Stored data
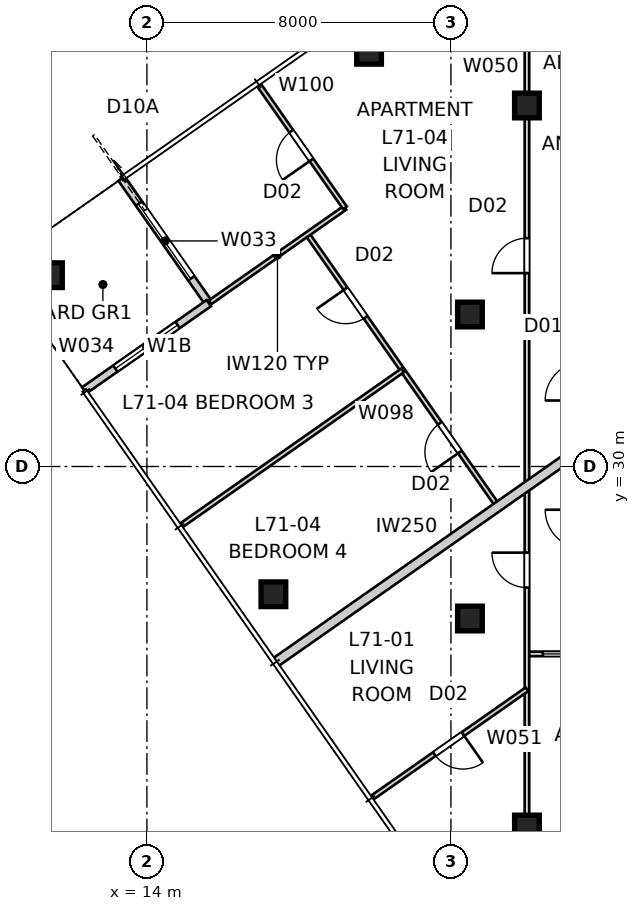
"""IFC4 building model, lengths in metres.
Left out: names, types, materials, properties, quantities, classifications, styles, units other than length and angle.
Written with IfcOpenShell. Run it as: python <this file> out.ifc"""

import sys

from ifc_helpers import new_model, si_unit, direction, frame, frame_2d, origin, origin_2d, place, context, subcontext, project, spatial, rectangle, extrude, element, fill, save


model = new_model("IFC4")
c1 = context("Model", 3, precision=1e-05, world=origin(), true_north=direction((0.0, 1.0)))
c2 = subcontext(c1, "Body", "Model", "MODEL_VIEW")
j1 = project(units=[si_unit("LENGTHUNIT", "METRE"), si_unit("PLANEANGLEUNIT", "RADIAN")], contexts=[c1])
p1 = place(None, origin())
s1 = spatial("IfcSite", under=j1, at=p1, CompositionType="ELEMENT")
p2 = place(p1, origin())
s2 = spatial("IfcBuilding", under=s1, at=p2, CompositionType="ELEMENT")
p3 = place(p2, frame((0.0, 0.0, 257.4)))
s3 = spatial("IfcBuildingStorey", under=s2, at=p3, CompositionType="ELEMENT", Elevation=257.4)
for number, where, z_axis, x_axis in (
    (1, (19.845, 40.914, 0.0), (0.0, 0.0, 1.0), (1.0, 0.0, 0.0)),
    (2, (11.449, 35.034, 0.0), (0.0, 0.0, 1.0), (1.0, 0.0, 0.0)),
    (3, (17.328, 26.638, 0.0), (0.0, 0.0, 1.0), (1.0, 0.0, 0.0)),
    (4, (24.0, 39.5, 0.0), (0.0, 0.0, 1.0), (1.0, 0.0, 0.0)),
    (5, (22.5, 34.0, 0.0), (0.0, 0.0, 1.0), (1.0, 0.0, 0.0)),
    (6, (22.5, 26.0, 0.0), (0.0, 0.0, 1.0), (1.0, 0.0, 0.0)),
    (7, (24.0, 20.5, 0.0), (0.0, 0.0, 1.0), (1.0, 0.0, 0.0)),
):
    element("IfcColumn", number, at=place(p3, frame(where, z_axis=z_axis, x_axis=x_axis)), inside=s3, PredefinedType="COLUMN", context=c2, shape_type="SweptSolid", body=[
        extrude(rectangle(XDim=0.65, YDim=0.65, at=origin_2d()), origin(), (0.0, 0.0, 1.0), 3.4),
    ])
p4 = place(p3, frame((13.333, 37.574, 0.0), z_axis=(0.0, 0.0, 1.0), x_axis=(0.573556557423, -0.819165963305, 0.0)))
e8 = element("IfcWall", 8, at=p4, inside=s3, PredefinedType="SOLIDWALL", context=c2, shape_type="SweptSolid", body=[
    extrude(rectangle(XDim=4.0, YDim=0.2, at=frame_2d((2.0, 0.0))), origin(), (0.0, 0.0, 1.0), 3.25),
])
p5 = place(p4, frame((0.8, 0.0, 0.0)))
e9 = element("IfcOpeningElement", 9, at=p5, cuts=e8, PredefinedType="OPENING", context=c2, shape_type="SweptSolid", body=[
    extrude(rectangle(XDim=2.4, YDim=2.1, at=frame_2d((1.2, 1.05))), frame((0.0, 0.11, 0.0), z_axis=(0.0, -1.0, 0.0), x_axis=(1.0, 0.0, 0.0)), (0.0, 0.0, 1.0), 0.22),
])
p6 = place(p3, frame((15.627, 34.298, 0.0), z_axis=(0.0, 0.0, 1.0), x_axis=(-0.819137286189, -0.573597512525, 0.0)))
e10 = element("IfcWall", 10, at=p6, inside=s3, PredefinedType="SOLIDWALL", context=c2, shape_type="SweptSolid", body=[
    extrude(rectangle(XDim=4.0, YDim=0.2, at=frame_2d((2.0, 0.0))), origin(), (0.0, 0.0, 1.0), 3.25),
])
p7 = place(p6, frame((1.0, 0.0, 0.45)))
e11 = element("IfcOpeningElement", 11, at=p7, cuts=e10, PredefinedType="OPENING", context=c2, shape_type="SweptSolid", body=[
    extrude(rectangle(XDim=2.0, YDim=1.8, at=frame_2d((1.0, 0.9))), frame((0.0, 0.11, 0.0), z_axis=(0.0, -1.0, 0.0), x_axis=(1.0, 0.0, 0.0)), (0.0, 0.0, 1.0), 0.22),
])
p8 = place(p3, frame((22.388, 17.668, 0.0), z_axis=(0.0, 0.0, 1.0), x_axis=(0.819161528122, 0.573562891796, 0.0)))
e12 = element("IfcWall", 12, at=p8, inside=s3, PredefinedType="PARTITIONING", context=c2, shape_type="SweptSolid", body=[
    extrude(rectangle(XDim=6.681, YDim=0.25, at=frame_2d((3.341, 0.0))), origin(), (0.0, 0.0, 1.0), 3.25),
])
p9 = place(p3, frame((17.369, 24.836, 0.0), z_axis=(0.0, 0.0, 1.0), x_axis=(0.81915902312, 0.573566469418, 0.0)))
e13 = element("IfcWall", 13, at=p9, inside=s3, PredefinedType="PARTITIONING", context=c2, shape_type="SweptSolid", body=[
    extrude(rectangle(XDim=9.756, YDim=0.25, at=frame_2d((4.878, 0.0))), origin(), (0.0, 0.0, 1.0), 3.25),
])
p10 = place(p3, frame((27.9, 25.068, 0.0), z_axis=(0.0, 0.0, 1.0), x_axis=(-1.0, 0.0, 0.0)))
e14 = element("IfcWall", 14, at=p10, inside=s3, PredefinedType="PARTITIONING", context=c2, shape_type="SweptSolid", body=[
    extrude(rectangle(XDim=3.9, YDim=0.12, at=frame_2d((1.95, 0.0))), origin(), (0.0, 0.0, 1.0), 3.25),
])
p11 = place(p10, frame((2.52, 0.0, 0.0)))
e15 = element("IfcOpeningElement", 15, at=p11, cuts=e14, PredefinedType="OPENING", context=c2, shape_type="SweptSolid", body=[
    extrude(rectangle(XDim=0.96, YDim=2.1, at=frame_2d((0.48, 1.05))), frame((0.0, 0.07, 0.0), z_axis=(0.0, -1.0, 0.0), x_axis=(1.0, 0.0, 0.0)), (0.0, 0.0, 1.0), 0.14),
])
p12 = place(p3, frame((24.0, 18.797, 0.0), z_axis=(0.0, 0.0, 1.0), x_axis=(0.0, 1.0, 0.0)))
e16 = element("IfcWall", 16, at=p12, inside=s3, PredefinedType="PARTITIONING", context=c2, shape_type="SweptSolid", body=[
    extrude(rectangle(XDim=26.198, YDim=0.12, at=frame_2d((13.099, 0.0))), origin(), (0.0, 0.0, 1.0), 2.55),
])
p13 = place(p12, frame((8.016, 0.0, 0.0)))
e17 = element("IfcOpeningElement", 17, at=p13, cuts=e16, PredefinedType="OPENING", context=c2, shape_type="SweptSolid", body=[
    extrude(rectangle(XDim=0.92, YDim=2.34, at=frame_2d((0.46, 1.17))), frame((0.0, 0.07, 0.0), z_axis=(0.0, -1.0, 0.0), x_axis=(1.0, 0.0, 0.0)), (0.0, 0.0, 1.0), 0.14),
])
p14 = place(p12, frame((16.292, 0.0, 0.0)))
e18 = element("IfcOpeningElement", 18, at=p14, cuts=e16, PredefinedType="OPENING", context=c2, shape_type="SweptSolid", body=[
    extrude(rectangle(XDim=0.92, YDim=2.34, at=frame_2d((0.46, 1.17))), frame((0.0, 0.07, 0.0), z_axis=(0.0, -1.0, 0.0), x_axis=(1.0, 0.0, 0.0)), (0.0, 0.0, 1.0), 0.14),
])
p15 = place(p3, frame((24.0, 24.138, 0.0), z_axis=(0.0, 0.0, 1.0), x_axis=(-0.819144584763, -0.57358708951, 0.0)))
e19 = element("IfcWall", 19, at=p15, inside=s3, PredefinedType="PARTITIONING", context=c2, shape_type="SweptSolid", body=[
    extrude(rectangle(XDim=4.991, YDim=0.12, at=frame_2d((2.496, 0.0))), origin(), (0.0, 0.0, 1.0), 3.25),
])
p16 = place(p15, frame((2.055, 0.0, 0.0)))
e20 = element("IfcOpeningElement", 20, at=p16, cuts=e19, PredefinedType="OPENING", context=c2, shape_type="SweptSolid", body=[
    extrude(rectangle(XDim=0.92, YDim=2.34, at=frame_2d((0.46, 1.17))), frame((0.0, 0.07, 0.0), z_axis=(0.0, -1.0, 0.0), x_axis=(1.0, 0.0, 0.0)), (0.0, 0.0, 1.0), 0.14),
])
p17 = place(p3, frame((23.24, 28.947, 0.0), z_axis=(0.0, 0.0, 1.0), x_axis=(-0.573582185905, 0.819148018378, 0.0)))
e21 = element("IfcWall", 21, at=p17, inside=s3, PredefinedType="PARTITIONING", context=c2, shape_type="SweptSolid", body=[
    extrude(rectangle(XDim=8.75, YDim=0.12, at=frame_2d((4.375, 0.0))), origin(), (0.0, 0.0, 1.0), 3.25),
])
p18 = place(p17, frame((6.078, 0.0, 0.0)))
e22 = element("IfcOpeningElement", 22, at=p18, cuts=e21, PredefinedType="OPENING", context=c2, shape_type="SweptSolid", body=[
    extrude(rectangle(XDim=0.92, YDim=2.34, at=frame_2d((0.46, 1.17))), frame((0.0, 0.07, 0.0), z_axis=(0.0, -1.0, 0.0), x_axis=(1.0, 0.0, 0.0)), (0.0, 0.0, 1.0), 0.14),
])
p19 = place(p17, frame((1.752, 0.0, 0.0)))
e23 = element("IfcOpeningElement", 23, at=p19, cuts=e21, PredefinedType="OPENING", context=c2, shape_type="SweptSolid", body=[
    extrude(rectangle(XDim=0.92, YDim=2.34, at=frame_2d((0.46, 1.17))), frame((0.0, 0.07, 0.0), z_axis=(0.0, -1.0, 0.0), x_axis=(1.0, 0.0, 0.0)), (0.0, 0.0, 1.0), 0.14),
])
p20 = place(p3, frame((15.66, 34.321, 0.0), z_axis=(0.0, 0.0, 1.0), x_axis=(0.819139307094, 0.573594626521, 0.0)))
e24 = element("IfcWall", 24, at=p20, inside=s3, PredefinedType="PARTITIONING", context=c2, shape_type="SweptSolid", body=[
    extrude(rectangle(XDim=4.335, YDim=0.12, at=frame_2d((2.167, 0.0))), origin(), (0.0, 0.0, 1.0), 3.25),
])
p21 = place(p3, frame((19.211, 36.807, 0.0), z_axis=(0.0, 0.0, 1.0), x_axis=(-0.573578200724, 0.819150808859, 0.0)))
e25 = element("IfcWall", 25, at=p21, inside=s3, PredefinedType="PARTITIONING", context=c2, shape_type="SweptSolid", body=[
    extrude(rectangle(XDim=3.96, YDim=0.12, at=frame_2d((1.98, 0.0))), origin(), (0.0, 0.0, 1.0), 3.25),
])
p22 = place(p21, frame((1.54, 0.0, 0.0)))
e26 = element("IfcOpeningElement", 26, at=p22, cuts=e25, PredefinedType="OPENING", context=c2, shape_type="SweptSolid", body=[
    extrude(rectangle(XDim=0.92, YDim=2.34, at=frame_2d((0.46, 1.17))), frame((0.0, 0.07, 0.0), z_axis=(0.0, -1.0, 0.0), x_axis=(1.0, 0.0, 0.0)), (0.0, 0.0, 1.0), 0.14),
])
p23 = place(p3, frame((20.731, 32.53, 0.0), z_axis=(0.0, 0.0, 1.0), x_axis=(-0.819153056029, -0.573574991434, 0.0)))
e27 = element("IfcWall", 27, at=p23, inside=s3, PredefinedType="PARTITIONING", context=c2, shape_type="SweptSolid", body=[
    extrude(rectangle(XDim=7.127, YDim=0.12, at=frame_2d((3.563, 0.0))), origin(), (0.0, 0.0, 1.0), 3.25),
])
p24 = place(p5, origin())
e28 = element("IfcDoor", 28, at=p24, inside=s3, OperationType="SLIDING_TO_LEFT", PredefinedType="DOOR", context=c2, shape_type="SweptSolid", body=[
    extrude(rectangle(XDim=2.4, YDim=2.1, at=frame_2d((1.2, 1.05))), frame((0.0, 0.025, 0.0), z_axis=(0.0, -1.0, 0.0), x_axis=(1.0, 0.0, 0.0)), (0.0, 0.0, 1.0), 0.05),
])
fill(e9, e28)
p25 = place(p7, origin())
e29 = element("IfcWindow", 29, at=p25, inside=s3, PartitioningType="SINGLE_PANEL", PredefinedType="WINDOW", context=c2, shape_type="SweptSolid", body=[
    extrude(rectangle(XDim=2.0, YDim=1.8, at=frame_2d((1.0, 0.9))), frame((0.0, 0.03, 0.0), z_axis=(0.0, -1.0, 0.0), x_axis=(1.0, 0.0, 0.0)), (0.0, 0.0, 1.0), 0.06),
])
fill(e11, e29)
p26 = place(p13, origin())
e30 = element("IfcDoor", 30, at=p26, inside=s3, OperationType="SINGLE_SWING_RIGHT", PredefinedType="DOOR", context=c2, shape_type="SweptSolid", body=[
    extrude(rectangle(XDim=0.92, YDim=2.34, at=frame_2d((0.46, 1.17))), frame((0.0, 0.025, 0.0), z_axis=(0.0, -1.0, 0.0), x_axis=(1.0, 0.0, 0.0)), (0.0, 0.0, 1.0), 0.05),
])
fill(e17, e30)
p27 = place(p11, origin())
e31 = element("IfcDoor", 31, at=p27, inside=s3, OperationType="SLIDING_TO_LEFT", PredefinedType="DOOR", context=c2, shape_type="SweptSolid", body=[
    extrude(rectangle(XDim=0.96, YDim=2.1, at=frame_2d((0.48, 1.05))), frame((0.0, 0.025, 0.0), z_axis=(0.0, -1.0, 0.0), x_axis=(1.0, 0.0, 0.0)), (0.0, 0.0, 1.0), 0.05),
])
fill(e15, e31)
p28 = place(p14, origin())
e32 = element("IfcDoor", 32, at=p28, inside=s3, OperationType="SINGLE_SWING_LEFT", PredefinedType="DOOR", context=c2, shape_type="SweptSolid", body=[
    extrude(rectangle(XDim=0.92, YDim=2.34, at=frame_2d((0.46, 1.17))), frame((0.0, 0.025, 0.0), z_axis=(0.0, -1.0, 0.0), x_axis=(1.0, 0.0, 0.0)), (0.0, 0.0, 1.0), 0.05),
])
fill(e18, e32)
p29 = place(p16, origin())
e33 = element("IfcDoor", 33, at=p29, inside=s3, OperationType="SINGLE_SWING_LEFT", PredefinedType="DOOR", context=c2, shape_type="SweptSolid", body=[
    extrude(rectangle(XDim=0.92, YDim=2.34, at=frame_2d((0.46, 1.17))), frame((0.0, 0.025, 0.0), z_axis=(0.0, -1.0, 0.0), x_axis=(1.0, 0.0, 0.0)), (0.0, 0.0, 1.0), 0.05),
])
fill(e20, e33)
p30 = place(p18, origin())
e34 = element("IfcDoor", 34, at=p30, inside=s3, OperationType="SINGLE_SWING_RIGHT", PredefinedType="DOOR", context=c2, shape_type="SweptSolid", body=[
    extrude(rectangle(XDim=0.92, YDim=2.34, at=frame_2d((0.46, 1.17))), frame((0.0, 0.025, 0.0), z_axis=(0.0, -1.0, 0.0), x_axis=(1.0, 0.0, 0.0)), (0.0, 0.0, 1.0), 0.05),
])
fill(e22, e34)
p31 = place(p19, origin())
e35 = element("IfcDoor", 35, at=p31, inside=s3, OperationType="SINGLE_SWING_LEFT", PredefinedType="DOOR", context=c2, shape_type="SweptSolid", body=[
    extrude(rectangle(XDim=0.92, YDim=2.34, at=frame_2d((0.46, 1.17))), frame((0.0, 0.025, 0.0), z_axis=(0.0, -1.0, 0.0), x_axis=(1.0, 0.0, 0.0)), (0.0, 0.0, 1.0), 0.05),
])
fill(e23, e35)
p32 = place(p22, origin())
e36 = element("IfcDoor", 36, at=p32, inside=s3, OperationType="SINGLE_SWING_LEFT", PredefinedType="DOOR", context=c2, shape_type="SweptSolid", body=[
    extrude(rectangle(XDim=0.92, YDim=2.34, at=frame_2d((0.46, 1.17))), frame((0.0, 0.025, 0.0), z_axis=(0.0, -1.0, 0.0), x_axis=(1.0, 0.0, 0.0)), (0.0, 0.0, 1.0), 0.05),
])
fill(e26, e36)
save(model, sys.argv[1])

Exercise: Search the data for the string "fill" and say how many lines include it, giving only the number.

Output of the exercise: 10